_EXERCISE BRIEF_
Determine how many lines in the records hold the word "direction". Return the number alone.

(Beginning of DATA)

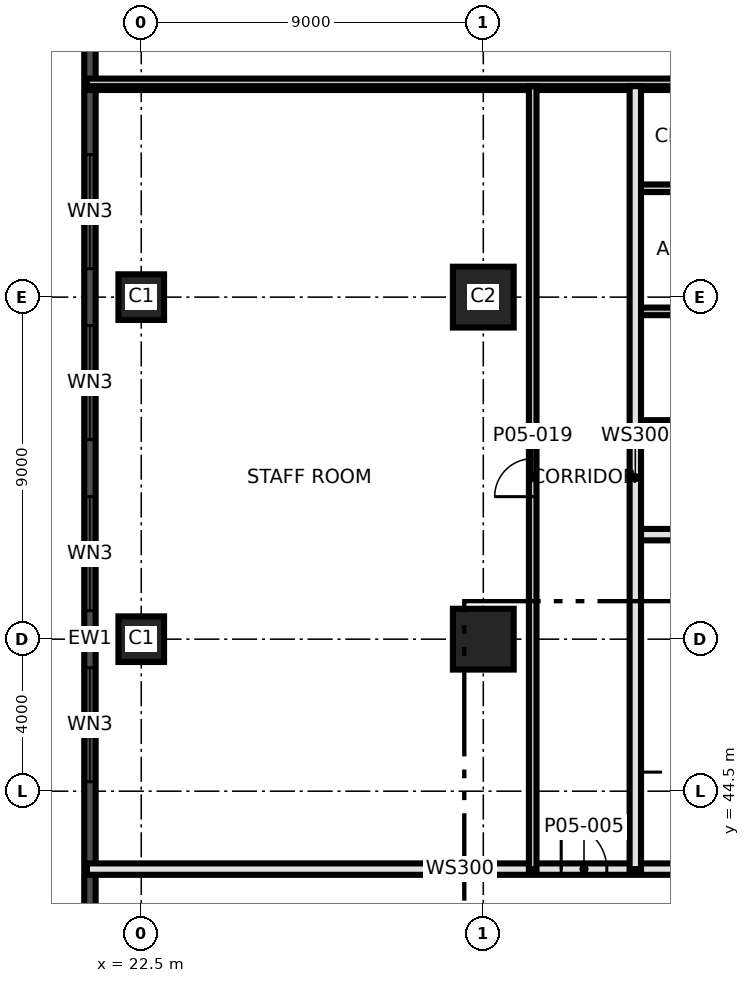
"""IFC4 building model, lengths in metres.
Left out: names, types, materials, properties, quantities, classifications, styles, units other than length and angle.
Written with IfcOpenShell. Run it as: python <this file> out.ifc"""

import sys

from ifc_helpers import new_model, si_unit, direction, frame, frame_2d, origin, origin_2d, place, context, subcontext, project, spatial, rectangle, extrude, element, fill, save


model = new_model("IFC4")
c1 = context("Model", 3, precision=1e-05, world=origin(), true_north=direction((0.0, 1.0)))
c2 = subcontext(c1, "Body", "Model", "MODEL_VIEW")
j1 = project(units=[si_unit("LENGTHUNIT", "METRE"), si_unit("PLANEANGLEUNIT", "RADIAN")], contexts=[c1])
p1 = place(None, origin())
s1 = spatial("IfcSite", under=j1, at=p1, CompositionType="ELEMENT")
p2 = place(p1, origin())
s2 = spatial("IfcBuilding", under=s1, at=p2, CompositionType="ELEMENT")
p3 = place(p2, frame((0.0, 0.0, 28.5)))
s3 = spatial("IfcBuildingStorey", under=s2, at=p3, CompositionType="ELEMENT", Elevation=28.5)
p4 = place(p3, frame((22.5, 48.5, 0.0), z_axis=(0.0, 0.0, 1.0), x_axis=(1.0, 0.0, 0.0)))
e1 = element("IfcColumn", 1, at=p4, inside=s3, PredefinedType="COLUMN", context=c2, shape_type="SweptSolid", body=[
    extrude(rectangle(XDim=1.2, YDim=1.2, at=origin_2d()), origin(), (0.0, 0.0, 1.0), 5.0),
])
p5 = place(p3, frame((31.5, 48.5, 0.0), z_axis=(0.0, 0.0, 1.0), x_axis=(1.0, 0.0, 0.0)))
e2 = element("IfcColumn", 2, at=p5, inside=s3, PredefinedType="COLUMN", context=c2, shape_type="SweptSolid", body=[
    extrude(rectangle(XDim=1.6, YDim=1.6, at=origin_2d()), origin(), (0.0, 0.0, 1.0), 5.0),
])
p6 = place(p3, frame((22.5, 57.5, 0.0), z_axis=(0.0, 0.0, 1.0), x_axis=(1.0, 0.0, 0.0)))
e3 = element("IfcColumn", 3, at=p6, inside=s3, PredefinedType="COLUMN", context=c2, shape_type="SweptSolid", body=[
    extrude(rectangle(XDim=1.2, YDim=1.2, at=origin_2d()), origin(), (0.0, 0.0, 1.0), 5.0),
])
p7 = place(p3, frame((31.5, 57.5, 0.0), z_axis=(0.0, 0.0, 1.0), x_axis=(1.0, 0.0, 0.0)))
e4 = element("IfcColumn", 4, at=p7, inside=s3, PredefinedType="COLUMN", context=c2, shape_type="SweptSolid", body=[
    extrude(rectangle(XDim=1.6, YDim=1.6, at=origin_2d()), origin(), (0.0, 0.0, 1.0), 5.0),
])
p8 = place(p3, frame((21.15, 79.952, 0.0), z_axis=(0.0, 0.0, 1.0), x_axis=(0.0, -1.0, 0.0)))
e5 = element("IfcWall", 5, at=p8, inside=s3, PredefinedType="SOLIDWALL", context=c2, shape_type="SweptSolid", body=[
    extrude(rectangle(XDim=62.88, YDim=0.3, at=frame_2d((31.44, 0.0))), origin(), (0.0, 0.0, 1.0), 4.7),
])
p9 = place(p8, frame((0.726, 0.0, 0.9)))
e6 = element("IfcOpeningElement", 6, at=p9, cuts=e5, PredefinedType="OPENING", context=c2, shape_type="SweptSolid", body=[
    extrude(rectangle(XDim=3.0, YDim=2.4, at=frame_2d((1.5, 1.2))), frame((0.0, 0.16, 0.0), z_axis=(0.0, -1.0, 0.0), x_axis=(1.0, 0.0, 0.0)), (0.0, 0.0, 1.0), 0.32),
])
p10 = place(p8, frame((5.202, 0.0, 0.9)))
e7 = element("IfcOpeningElement", 7, at=p10, cuts=e5, PredefinedType="OPENING", context=c2, shape_type="SweptSolid", body=[
    extrude(rectangle(XDim=3.0, YDim=2.4, at=frame_2d((1.5, 1.2))), frame((0.0, 0.16, 0.0), z_axis=(0.0, -1.0, 0.0), x_axis=(1.0, 0.0, 0.0)), (0.0, 0.0, 1.0), 0.32),
])
p11 = place(p8, frame((9.702, 0.0, 0.9)))
e8 = element("IfcOpeningElement", 8, at=p11, cuts=e5, PredefinedType="OPENING", context=c2, shape_type="SweptSolid", body=[
    extrude(rectangle(XDim=3.0, YDim=2.4, at=frame_2d((1.5, 1.2))), frame((0.0, 0.16, 0.0), z_axis=(0.0, -1.0, 0.0), x_axis=(1.0, 0.0, 0.0)), (0.0, 0.0, 1.0), 0.32),
])
p12 = place(p8, frame((18.702, 0.0, 0.9)))
e9 = element("IfcOpeningElement", 9, at=p12, cuts=e5, PredefinedType="OPENING", context=c2, shape_type="SweptSolid", body=[
    extrude(rectangle(XDim=3.0, YDim=2.4, at=frame_2d((1.5, 1.2))), frame((0.0, 0.16, 0.0), z_axis=(0.0, -1.0, 0.0), x_axis=(1.0, 0.0, 0.0)), (0.0, 0.0, 1.0), 0.32),
])
p13 = place(p8, frame((23.202, 0.0, 0.9)))
e10 = element("IfcOpeningElement", 10, at=p13, cuts=e5, PredefinedType="OPENING", context=c2, shape_type="SweptSolid", body=[
    extrude(rectangle(XDim=3.0, YDim=2.4, at=frame_2d((1.5, 1.2))), frame((0.0, 0.16, 0.0), z_axis=(0.0, -1.0, 0.0), x_axis=(1.0, 0.0, 0.0)), (0.0, 0.0, 1.0), 0.32),
])
p14 = place(p8, frame((27.702, 0.0, 0.9)))
e11 = element("IfcOpeningElement", 11, at=p14, cuts=e5, PredefinedType="OPENING", context=c2, shape_type="SweptSolid", body=[
    extrude(rectangle(XDim=3.0, YDim=2.4, at=frame_2d((1.5, 1.2))), frame((0.0, 0.16, 0.0), z_axis=(0.0, -1.0, 0.0), x_axis=(1.0, 0.0, 0.0)), (0.0, 0.0, 1.0), 0.32),
])
p15 = place(p8, frame((32.202, 0.0, 0.9)))
e12 = element("IfcOpeningElement", 12, at=p15, cuts=e5, PredefinedType="OPENING", context=c2, shape_type="SweptSolid", body=[
    extrude(rectangle(XDim=3.0, YDim=2.4, at=frame_2d((1.5, 1.2))), frame((0.0, 0.16, 0.0), z_axis=(0.0, -1.0, 0.0), x_axis=(1.0, 0.0, 0.0)), (0.0, 0.0, 1.0), 0.32),
])
p16 = place(p8, frame((41.202, 0.0, 0.9)))
e13 = element("IfcOpeningElement", 13, at=p16, cuts=e5, PredefinedType="OPENING", context=c2, shape_type="SweptSolid", body=[
    extrude(rectangle(XDim=3.0, YDim=2.4, at=frame_2d((1.5, 1.2))), frame((0.0, 0.16, 0.0), z_axis=(0.0, -1.0, 0.0), x_axis=(1.0, 0.0, 0.0)), (0.0, 0.0, 1.0), 0.32),
])
p17 = place(p8, frame((45.702, 0.0, 0.9)))
e14 = element("IfcOpeningElement", 14, at=p17, cuts=e5, PredefinedType="OPENING", context=c2, shape_type="SweptSolid", body=[
    extrude(rectangle(XDim=3.0, YDim=2.4, at=frame_2d((1.5, 1.2))), frame((0.0, 0.16, 0.0), z_axis=(0.0, -1.0, 0.0), x_axis=(1.0, 0.0, 0.0)), (0.0, 0.0, 1.0), 0.32),
])
p18 = place(p8, frame((50.202, 0.0, 0.9)))
e15 = element("IfcOpeningElement", 15, at=p18, cuts=e5, PredefinedType="OPENING", context=c2, shape_type="SweptSolid", body=[
    extrude(rectangle(XDim=3.0, YDim=2.4, at=frame_2d((1.5, 1.2))), frame((0.0, 0.16, 0.0), z_axis=(0.0, -1.0, 0.0), x_axis=(1.0, 0.0, 0.0)), (0.0, 0.0, 1.0), 0.32),
])
p19 = place(p8, frame((54.702, 0.0, 0.9)))
e16 = element("IfcOpeningElement", 16, at=p19, cuts=e5, PredefinedType="OPENING", context=c2, shape_type="SweptSolid", body=[
    extrude(rectangle(XDim=3.0, YDim=2.4, at=frame_2d((1.5, 1.2))), frame((0.0, 0.16, 0.0), z_axis=(0.0, -1.0, 0.0), x_axis=(1.0, 0.0, 0.0)), (0.0, 0.0, 1.0), 0.32),
])
p20 = place(p8, frame((59.226, 0.0, 0.9)))
e17 = element("IfcOpeningElement", 17, at=p20, cuts=e5, PredefinedType="OPENING", context=c2, shape_type="SweptSolid", body=[
    extrude(rectangle(XDim=3.0, YDim=2.4, at=frame_2d((1.5, 1.2))), frame((0.0, 0.16, 0.0), z_axis=(0.0, -1.0, 0.0), x_axis=(1.0, 0.0, 0.0)), (0.0, 0.0, 1.0), 0.32),
])
p21 = place(p3, frame((21.07, 42.45, 0.0), z_axis=(0.0, 0.0, 1.0), x_axis=(1.0, 0.0, 0.0)))
e18 = element("IfcWall", 18, at=p21, inside=s3, PredefinedType="SOLIDWALL", context=c2, shape_type="SweptSolid", body=[
    extrude(rectangle(XDim=19.63, YDim=0.3, at=frame_2d((9.815, 0.0))), origin(), (0.0, 0.0, 1.0), 4.7),
])
p22 = place(p21, frame((16.13, 0.0, 0.0)))
e19 = element("IfcOpeningElement", 19, at=p22, cuts=e18, PredefinedType="OPENING", context=c2, shape_type="SweptSolid", body=[
    extrude(rectangle(XDim=1.8, YDim=2.1, at=frame_2d((0.9, 1.05))), frame((0.0, 0.16, 0.0), z_axis=(0.0, -1.0, 0.0), x_axis=(1.0, 0.0, 0.0)), (0.0, 0.0, 1.0), 0.32),
])
p23 = place(p21, frame((12.48, 0.0, 0.0)))
e20 = element("IfcOpeningElement", 20, at=p23, cuts=e18, PredefinedType="OPENING", context=c2, shape_type="SweptSolid", body=[
    extrude(rectangle(XDim=1.2, YDim=2.1, at=frame_2d((0.6, 1.05))), frame((0.0, 0.16, 0.0), z_axis=(0.0, -1.0, 0.0), x_axis=(1.0, 0.0, 0.0)), (0.0, 0.0, 1.0), 0.32),
])
p24 = place(p3, frame((35.5, 51.25, 0.0), z_axis=(0.0, 0.0, 1.0), x_axis=(1.0, 0.0, 0.0)))
e21 = element("IfcWall", 21, at=p24, inside=s3, PredefinedType="SOLIDWALL", context=c2, shape_type="SweptSolid", body=[
    extrude(rectangle(XDim=5.2, YDim=0.3, at=frame_2d((2.6, 0.0))), origin(), (0.0, 0.0, 1.0), 4.7),
])
for number, where, z_axis, x_axis in (
    (22, (35.55, 54.162, 0.0), (0.0, 0.0, 1.0), (1.0, 0.0, 0.0)),
    (23, (35.55, 57.125, 0.0), (0.0, 0.0, 1.0), (1.0, 0.0, 0.0)),
    (24, (35.55, 60.364, 0.0), (0.0, 0.0, 1.0), (1.0, 0.0, 0.0)),
):
    element("IfcWall", number, at=place(p3, frame(where, z_axis=z_axis, x_axis=x_axis)), inside=s3, PredefinedType="PARTITIONING", context=c2, shape_type="SweptSolid", body=[
        extrude(rectangle(XDim=5.15, YDim=0.2, at=frame_2d((2.575, 0.0))), origin(), (0.0, 0.0, 1.0), 4.7),
    ])
p25 = place(p3, frame((21.07, 63.05, 0.0), z_axis=(0.0, 0.0, 1.0), x_axis=(1.0, 0.0, 0.0)))
e25 = element("IfcWall", 25, at=p25, inside=s3, PredefinedType="PARTITIONING", context=c2, shape_type="SweptSolid", body=[
    extrude(rectangle(XDim=14.43, YDim=0.2, at=frame_2d((7.215, 0.0))), origin(), (0.0, 0.0, 1.0), 4.7),
])
p26 = place(p3, frame((35.55, 63.05, 0.0), z_axis=(0.0, 0.0, 1.0), x_axis=(1.0, 0.0, 0.0)))
e26 = element("IfcWall", 26, at=p26, inside=s3, PredefinedType="PARTITIONING", context=c2, shape_type="SweptSolid", body=[
    extrude(rectangle(XDim=5.15, YDim=0.2, at=frame_2d((2.575, 0.0))), origin(), (0.0, 0.0, 1.0), 4.7),
])
p27 = place(p3, frame((21.07, 63.15, 0.0), z_axis=(0.0, 0.0, 1.0), x_axis=(1.0, 0.0, 0.0)))
e27 = element("IfcWall", 27, at=p27, inside=s3, PredefinedType="PARTITIONING", context=c2, shape_type="SweptSolid", body=[
    extrude(rectangle(XDim=19.63, YDim=0.2, at=frame_2d((9.815, 0.0))), origin(), (0.0, 0.0, 1.0), 4.7),
])
p28 = place(p3, frame((32.8, 42.45, 0.0), z_axis=(0.0, 0.0, 1.0), x_axis=(0.0, 1.0, 0.0)))
e28 = element("IfcWall", 28, at=p28, inside=s3, PredefinedType="PARTITIONING", context=c2, shape_type="SweptSolid", body=[
    extrude(rectangle(XDim=20.6, YDim=0.2, at=frame_2d((10.3, 0.0))), origin(), (0.0, 0.0, 1.0), 4.7),
])
p29 = place(p28, frame((9.8, 0.0, 0.0)))
e29 = element("IfcOpeningElement", 29, at=p29, cuts=e28, PredefinedType="OPENING", context=c2, shape_type="SweptSolid", body=[
    extrude(rectangle(XDim=1.0, YDim=2.1, at=frame_2d((0.5, 1.05))), frame((0.0, 0.11, 0.0), z_axis=(0.0, -1.0, 0.0), x_axis=(1.0, 0.0, 0.0)), (0.0, 0.0, 1.0), 0.22),
])
p30 = place(p3, frame((35.5, 42.45, 0.0), z_axis=(0.0, 0.0, 1.0), x_axis=(0.0, 1.0, 0.0)))
e30 = element("IfcWall", 30, at=p30, inside=s3, PredefinedType="SOLIDWALL", context=c2, shape_type="SweptSolid", body=[
    extrude(rectangle(XDim=20.6, YDim=0.3, at=frame_2d((10.3, 0.0))), origin(), (0.0, 0.0, 1.0), 4.7),
])
p31 = place(p12, origin())
e31 = element("IfcWindow", 31, at=p31, inside=s3, PartitioningType="SINGLE_PANEL", PredefinedType="WINDOW", context=c2, shape_type="SweptSolid", body=[
    extrude(rectangle(XDim=3.0, YDim=2.4, at=frame_2d((1.5, 1.2))), frame((0.0, 0.03, 0.0), z_axis=(0.0, -1.0, 0.0), x_axis=(1.0, 0.0, 0.0)), (0.0, 0.0, 1.0), 0.06),
])
fill(e9, e31)
p32 = place(p13, origin())
e32 = element("IfcWindow", 32, at=p32, inside=s3, PartitioningType="SINGLE_PANEL", PredefinedType="WINDOW", context=c2, shape_type="SweptSolid", body=[
    extrude(rectangle(XDim=3.0, YDim=2.4, at=frame_2d((1.5, 1.2))), frame((0.0, 0.03, 0.0), z_axis=(0.0, -1.0, 0.0), x_axis=(1.0, 0.0, 0.0)), (0.0, 0.0, 1.0), 0.06),
])
fill(e10, e32)
p33 = place(p14, origin())
e33 = element("IfcWindow", 33, at=p33, inside=s3, PartitioningType="SINGLE_PANEL", PredefinedType="WINDOW", context=c2, shape_type="SweptSolid", body=[
    extrude(rectangle(XDim=3.0, YDim=2.4, at=frame_2d((1.5, 1.2))), frame((0.0, 0.03, 0.0), z_axis=(0.0, -1.0, 0.0), x_axis=(1.0, 0.0, 0.0)), (0.0, 0.0, 1.0), 0.06),
])
fill(e11, e33)
p34 = place(p15, origin())
e34 = element("IfcWindow", 34, at=p34, inside=s3, PartitioningType="SINGLE_PANEL", PredefinedType="WINDOW", context=c2, shape_type="SweptSolid", body=[
    extrude(rectangle(XDim=3.0, YDim=2.4, at=frame_2d((1.5, 1.2))), frame((0.0, 0.03, 0.0), z_axis=(0.0, -1.0, 0.0), x_axis=(1.0, 0.0, 0.0)), (0.0, 0.0, 1.0), 0.06),
])
fill(e12, e34)
p35 = place(p23, origin())
e35 = element("IfcDoor", 35, at=p35, inside=s3, OperationType="SINGLE_SWING_LEFT", PredefinedType="DOOR", context=c2, shape_type="SweptSolid", body=[
    extrude(rectangle(XDim=1.2, YDim=2.1, at=frame_2d((0.6, 1.05))), frame((0.0, 0.025, 0.0), z_axis=(0.0, -1.0, 0.0), x_axis=(1.0, 0.0, 0.0)), (0.0, 0.0, 1.0), 0.05),
])
fill(e20, e35)
p36 = place(p29, origin())
e36 = element("IfcDoor", 36, at=p36, inside=s3, OperationType="SINGLE_SWING_LEFT", PredefinedType="DOOR", context=c2, shape_type="SweptSolid", body=[
    extrude(rectangle(XDim=1.0, YDim=2.1, at=frame_2d((0.5, 1.05))), frame((0.0, 0.025, 0.0), z_axis=(0.0, -1.0, 0.0), x_axis=(1.0, 0.0, 0.0)), (0.0, 0.0, 1.0), 0.05),
])
fill(e29, e36)
save(model, sys.argv[1])

(End of DATA)

_TASK RESULT_
2